Check every line of the entries for "number", and copy the lines that hold it.

◆ **EXTRACTED ENTRIES**:
◇ ◇ ◇ ◇ ◇ ◇ ◇

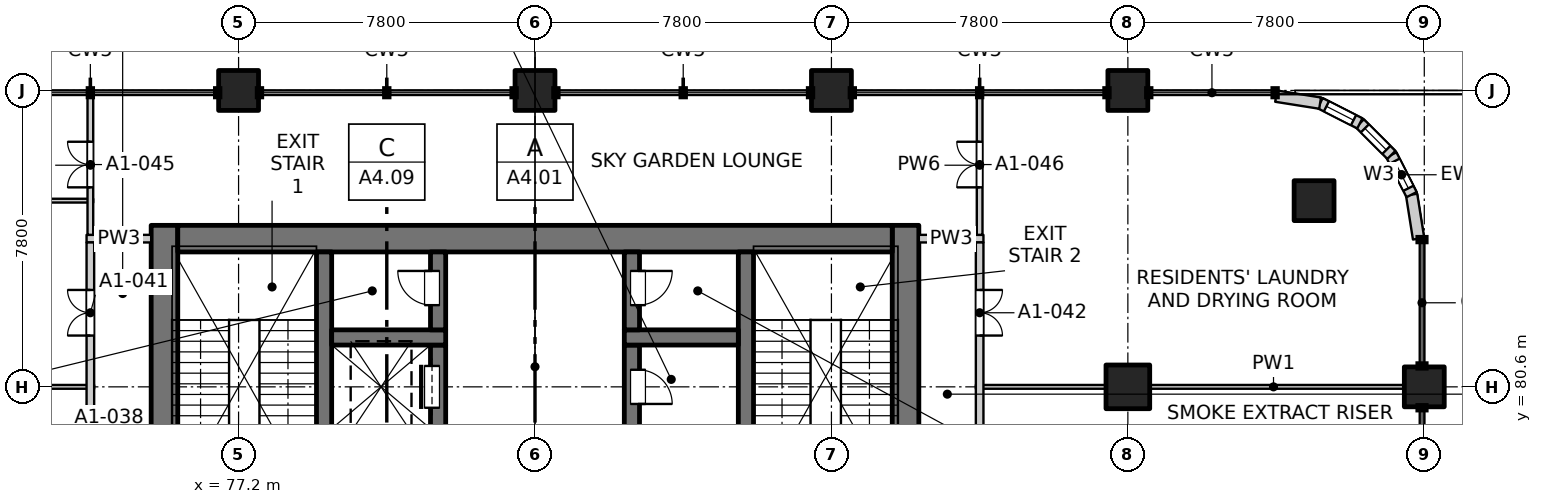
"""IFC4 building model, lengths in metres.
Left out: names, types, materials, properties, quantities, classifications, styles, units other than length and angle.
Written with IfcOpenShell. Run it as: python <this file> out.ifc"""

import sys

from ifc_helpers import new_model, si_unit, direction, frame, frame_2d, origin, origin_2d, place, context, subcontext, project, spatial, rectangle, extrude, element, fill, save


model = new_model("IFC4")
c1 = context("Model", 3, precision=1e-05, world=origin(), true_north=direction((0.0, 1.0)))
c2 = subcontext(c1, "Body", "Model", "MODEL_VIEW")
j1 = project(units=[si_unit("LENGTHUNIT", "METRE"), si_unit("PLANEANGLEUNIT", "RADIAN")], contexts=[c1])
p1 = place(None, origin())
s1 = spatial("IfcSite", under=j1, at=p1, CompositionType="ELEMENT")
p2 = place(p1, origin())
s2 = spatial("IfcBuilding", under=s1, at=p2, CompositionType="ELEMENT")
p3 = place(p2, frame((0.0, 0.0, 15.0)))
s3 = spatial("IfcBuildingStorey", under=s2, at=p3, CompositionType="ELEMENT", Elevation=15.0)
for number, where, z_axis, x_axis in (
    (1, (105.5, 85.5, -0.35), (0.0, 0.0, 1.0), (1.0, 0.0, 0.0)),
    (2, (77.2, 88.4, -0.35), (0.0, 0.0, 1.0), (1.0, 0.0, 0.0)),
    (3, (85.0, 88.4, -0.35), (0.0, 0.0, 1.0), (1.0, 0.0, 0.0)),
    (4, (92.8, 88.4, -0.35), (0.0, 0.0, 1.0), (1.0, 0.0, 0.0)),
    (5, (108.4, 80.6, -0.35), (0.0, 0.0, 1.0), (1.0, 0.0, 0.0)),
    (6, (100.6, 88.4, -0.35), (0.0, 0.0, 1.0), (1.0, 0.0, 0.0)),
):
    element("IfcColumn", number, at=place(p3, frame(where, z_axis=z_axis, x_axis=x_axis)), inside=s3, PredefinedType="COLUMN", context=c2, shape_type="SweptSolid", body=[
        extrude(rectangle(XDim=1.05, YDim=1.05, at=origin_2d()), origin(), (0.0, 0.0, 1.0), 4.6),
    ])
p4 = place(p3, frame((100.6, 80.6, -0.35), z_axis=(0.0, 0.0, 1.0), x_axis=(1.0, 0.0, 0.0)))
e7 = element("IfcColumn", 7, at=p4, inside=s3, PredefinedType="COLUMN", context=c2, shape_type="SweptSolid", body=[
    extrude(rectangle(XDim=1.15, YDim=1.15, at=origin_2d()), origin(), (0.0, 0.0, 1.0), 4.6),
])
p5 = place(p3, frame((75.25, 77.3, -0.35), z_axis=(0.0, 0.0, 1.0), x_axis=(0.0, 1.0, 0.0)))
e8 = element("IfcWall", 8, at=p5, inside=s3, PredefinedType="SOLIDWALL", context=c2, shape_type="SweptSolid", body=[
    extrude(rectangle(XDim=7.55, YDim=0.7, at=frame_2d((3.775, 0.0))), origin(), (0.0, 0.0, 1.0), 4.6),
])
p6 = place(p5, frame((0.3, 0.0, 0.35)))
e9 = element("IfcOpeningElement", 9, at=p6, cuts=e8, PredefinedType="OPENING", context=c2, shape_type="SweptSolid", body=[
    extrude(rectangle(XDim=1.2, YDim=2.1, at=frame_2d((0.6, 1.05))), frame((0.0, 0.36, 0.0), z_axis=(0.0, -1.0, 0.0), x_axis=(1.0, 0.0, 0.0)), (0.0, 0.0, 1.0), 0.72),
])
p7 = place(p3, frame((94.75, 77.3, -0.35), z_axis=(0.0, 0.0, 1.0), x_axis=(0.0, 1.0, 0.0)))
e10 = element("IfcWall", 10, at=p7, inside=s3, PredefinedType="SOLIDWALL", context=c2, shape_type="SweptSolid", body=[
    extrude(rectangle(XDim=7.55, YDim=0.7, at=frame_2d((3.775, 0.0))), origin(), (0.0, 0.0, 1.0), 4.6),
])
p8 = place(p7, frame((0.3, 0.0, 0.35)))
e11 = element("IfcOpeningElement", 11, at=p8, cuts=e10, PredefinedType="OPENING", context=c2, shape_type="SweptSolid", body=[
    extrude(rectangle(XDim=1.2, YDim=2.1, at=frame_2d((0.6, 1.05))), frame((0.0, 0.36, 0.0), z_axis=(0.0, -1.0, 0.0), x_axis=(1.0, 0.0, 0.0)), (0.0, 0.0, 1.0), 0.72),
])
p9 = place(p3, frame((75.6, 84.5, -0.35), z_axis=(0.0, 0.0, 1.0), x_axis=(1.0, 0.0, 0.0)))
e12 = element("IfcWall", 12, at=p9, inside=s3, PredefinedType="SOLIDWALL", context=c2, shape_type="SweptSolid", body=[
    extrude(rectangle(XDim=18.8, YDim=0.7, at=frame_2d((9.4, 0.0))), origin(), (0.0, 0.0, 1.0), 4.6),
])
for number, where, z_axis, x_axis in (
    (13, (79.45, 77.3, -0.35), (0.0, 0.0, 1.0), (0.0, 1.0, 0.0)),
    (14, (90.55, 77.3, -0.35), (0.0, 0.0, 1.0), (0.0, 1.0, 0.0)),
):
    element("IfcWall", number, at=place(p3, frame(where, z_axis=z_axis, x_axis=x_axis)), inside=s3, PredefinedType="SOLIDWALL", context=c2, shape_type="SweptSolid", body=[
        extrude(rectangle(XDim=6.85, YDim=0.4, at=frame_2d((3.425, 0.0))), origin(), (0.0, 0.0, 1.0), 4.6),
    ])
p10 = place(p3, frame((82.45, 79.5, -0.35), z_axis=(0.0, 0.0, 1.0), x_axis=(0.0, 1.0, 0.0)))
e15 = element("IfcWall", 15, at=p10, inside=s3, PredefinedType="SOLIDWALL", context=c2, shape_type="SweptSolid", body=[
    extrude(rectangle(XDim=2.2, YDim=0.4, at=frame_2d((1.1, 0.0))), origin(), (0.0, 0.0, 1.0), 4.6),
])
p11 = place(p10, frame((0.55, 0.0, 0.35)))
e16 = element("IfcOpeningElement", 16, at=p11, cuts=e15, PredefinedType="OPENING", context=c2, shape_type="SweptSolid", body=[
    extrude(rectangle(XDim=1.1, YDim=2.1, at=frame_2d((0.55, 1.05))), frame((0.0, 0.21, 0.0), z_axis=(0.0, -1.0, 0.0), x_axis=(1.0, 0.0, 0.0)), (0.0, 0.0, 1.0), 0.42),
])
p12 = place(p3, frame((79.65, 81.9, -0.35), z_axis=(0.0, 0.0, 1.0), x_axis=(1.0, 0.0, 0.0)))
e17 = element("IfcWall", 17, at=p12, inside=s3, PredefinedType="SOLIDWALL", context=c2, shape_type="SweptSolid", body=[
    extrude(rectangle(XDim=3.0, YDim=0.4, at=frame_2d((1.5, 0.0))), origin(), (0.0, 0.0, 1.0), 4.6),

◇ ◇ ◇ ◇ ◇ ◇ ◇

◆ **EXERCISE ANSWER**:
for number, where, z_axis, x_axis in (
    element("IfcColumn", number, at=place(p3, frame(where, z_axis=z_axis, x_axis=x_axis)), inside=s3, PredefinedType="COLUMN", context=c2, shape_type="SweptSolid", body=[
for number, where, z_axis, x_axis in (
    element("IfcWall", number, at=place(p3, frame(where, z_axis=z_axis, x_axis=x_axis)), inside=s3, PredefinedType="SOLIDWALL", context=c2, shape_type="SweptSolid", body=[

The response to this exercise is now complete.